┌────────

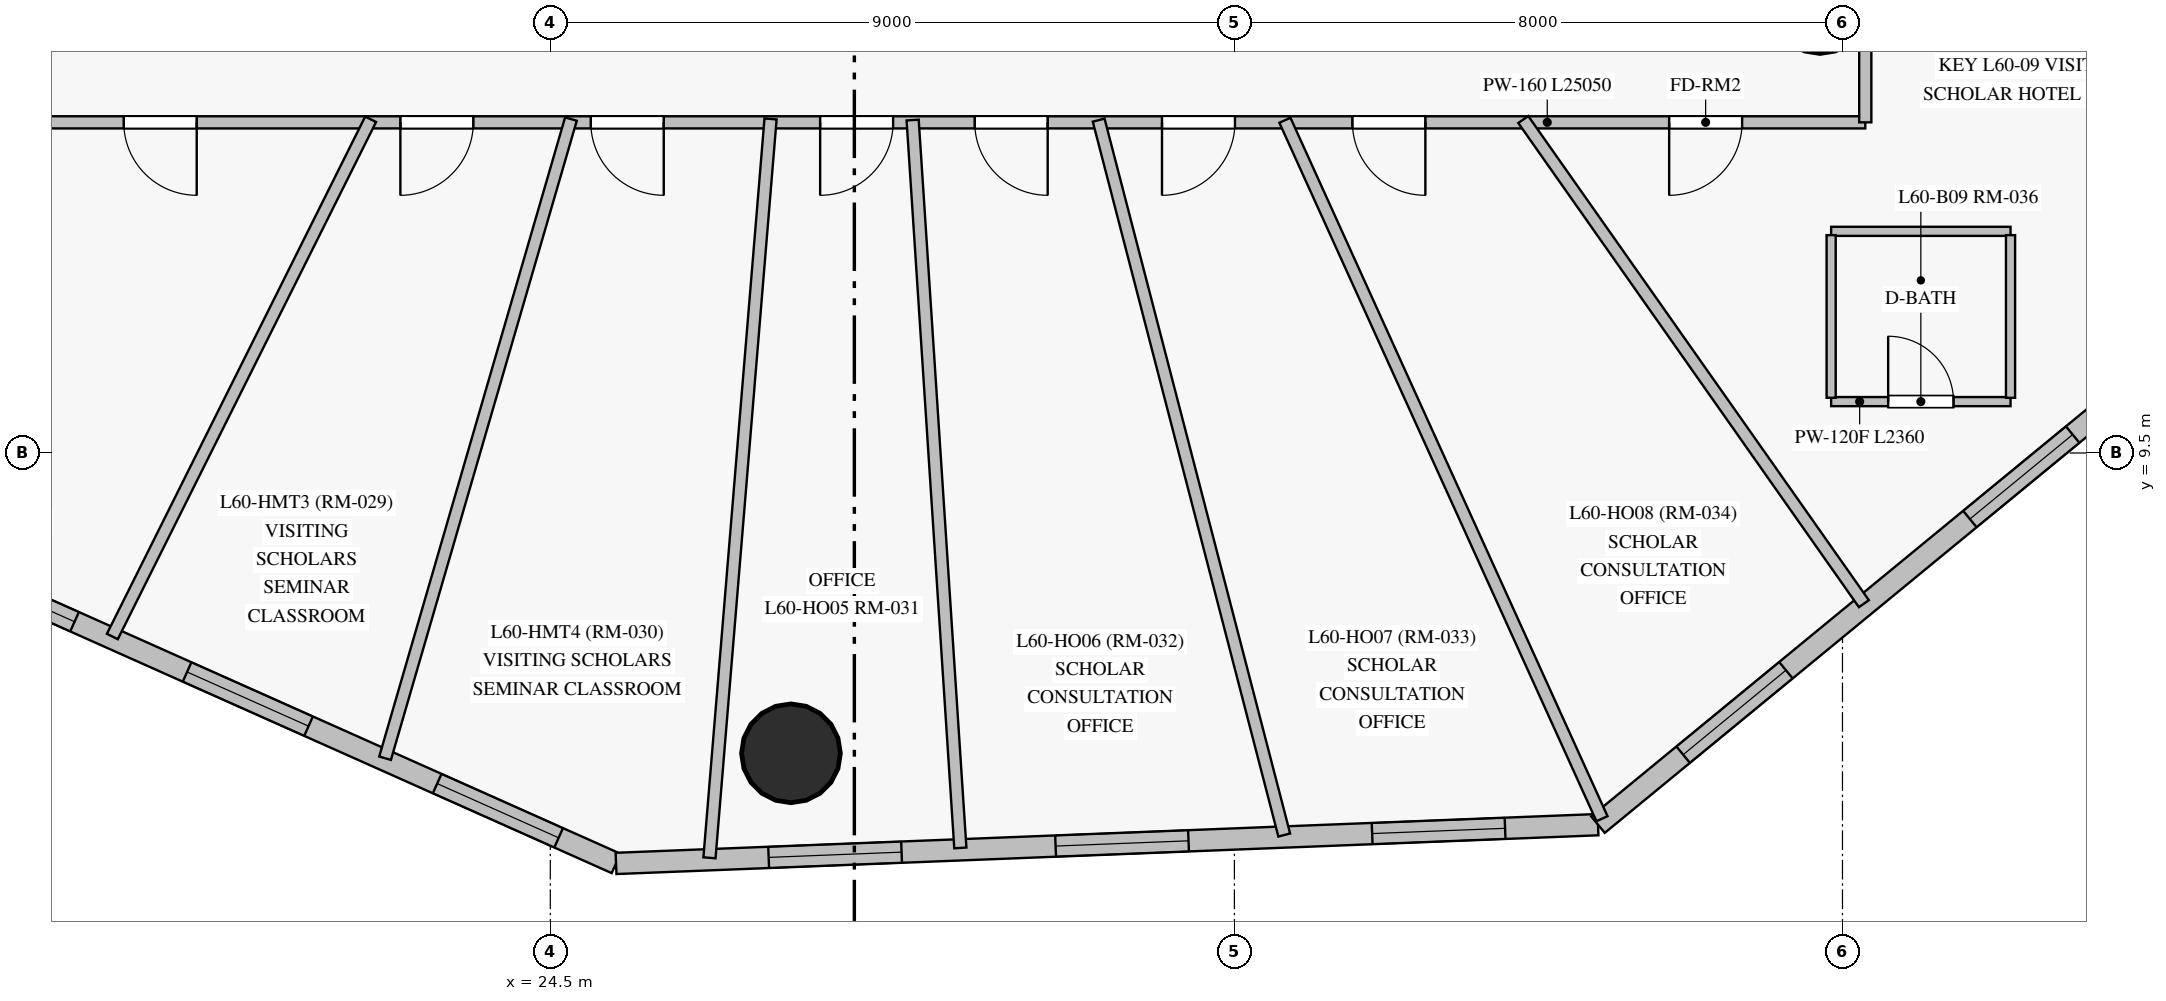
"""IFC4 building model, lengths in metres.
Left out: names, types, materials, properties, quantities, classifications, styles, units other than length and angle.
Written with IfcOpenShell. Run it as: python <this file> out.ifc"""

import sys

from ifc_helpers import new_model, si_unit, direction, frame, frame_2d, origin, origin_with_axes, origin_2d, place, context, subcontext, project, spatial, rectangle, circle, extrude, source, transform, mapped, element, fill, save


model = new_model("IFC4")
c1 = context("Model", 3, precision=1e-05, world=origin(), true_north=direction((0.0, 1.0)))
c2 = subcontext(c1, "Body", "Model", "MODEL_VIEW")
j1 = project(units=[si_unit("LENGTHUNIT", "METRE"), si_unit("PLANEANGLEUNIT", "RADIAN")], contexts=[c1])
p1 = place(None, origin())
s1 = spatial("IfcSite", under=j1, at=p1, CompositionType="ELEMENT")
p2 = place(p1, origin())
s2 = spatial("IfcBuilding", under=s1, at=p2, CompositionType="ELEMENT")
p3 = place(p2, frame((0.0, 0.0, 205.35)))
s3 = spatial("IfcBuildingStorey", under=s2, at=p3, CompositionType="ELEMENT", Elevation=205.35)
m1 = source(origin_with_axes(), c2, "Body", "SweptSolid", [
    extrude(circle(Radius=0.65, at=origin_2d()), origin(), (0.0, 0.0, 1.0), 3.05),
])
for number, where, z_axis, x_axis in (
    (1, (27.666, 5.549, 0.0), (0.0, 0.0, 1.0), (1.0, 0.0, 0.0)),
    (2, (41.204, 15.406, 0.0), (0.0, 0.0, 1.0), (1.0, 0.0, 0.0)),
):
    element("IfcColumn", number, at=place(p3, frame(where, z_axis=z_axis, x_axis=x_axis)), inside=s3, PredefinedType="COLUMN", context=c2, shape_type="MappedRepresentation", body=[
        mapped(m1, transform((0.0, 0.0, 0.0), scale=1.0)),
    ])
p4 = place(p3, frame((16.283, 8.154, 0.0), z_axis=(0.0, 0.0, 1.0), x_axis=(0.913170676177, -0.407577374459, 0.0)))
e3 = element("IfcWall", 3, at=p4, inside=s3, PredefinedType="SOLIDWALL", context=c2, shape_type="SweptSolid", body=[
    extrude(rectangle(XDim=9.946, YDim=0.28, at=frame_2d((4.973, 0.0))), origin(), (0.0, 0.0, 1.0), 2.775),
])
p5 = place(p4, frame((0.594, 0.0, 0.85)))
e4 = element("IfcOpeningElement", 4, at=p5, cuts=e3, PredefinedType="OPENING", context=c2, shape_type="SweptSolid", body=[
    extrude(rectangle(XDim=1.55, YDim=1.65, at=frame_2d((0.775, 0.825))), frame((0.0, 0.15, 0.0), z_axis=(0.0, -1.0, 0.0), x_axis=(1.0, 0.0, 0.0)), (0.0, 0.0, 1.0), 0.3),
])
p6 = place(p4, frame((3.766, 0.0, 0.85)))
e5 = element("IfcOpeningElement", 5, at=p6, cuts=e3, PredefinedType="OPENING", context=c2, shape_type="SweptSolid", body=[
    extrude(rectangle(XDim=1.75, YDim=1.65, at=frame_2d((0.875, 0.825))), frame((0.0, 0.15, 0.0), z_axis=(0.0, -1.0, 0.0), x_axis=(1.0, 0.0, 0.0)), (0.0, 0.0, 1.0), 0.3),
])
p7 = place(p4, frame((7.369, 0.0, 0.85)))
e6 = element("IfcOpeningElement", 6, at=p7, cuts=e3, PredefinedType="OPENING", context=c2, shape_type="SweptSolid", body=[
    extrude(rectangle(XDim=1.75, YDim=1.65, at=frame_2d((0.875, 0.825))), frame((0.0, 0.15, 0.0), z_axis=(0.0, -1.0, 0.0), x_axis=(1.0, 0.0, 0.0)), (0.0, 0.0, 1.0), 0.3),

└────────

In the listing above, each line with the word "direction" is to be copied out.

ANSWER BOX →
from ifc_helpers import new_model, si_unit, direction, frame, frame_2d, origin, origin_with_axes, origin_2d, place, context, subcontext, project, spatial, rectangle, circle, extrude, source, transform, mapped, element, fill, save
c1 = context("Model", 3, precision=1e-05, world=origin(), true_north=direction((0.0, 1.0)))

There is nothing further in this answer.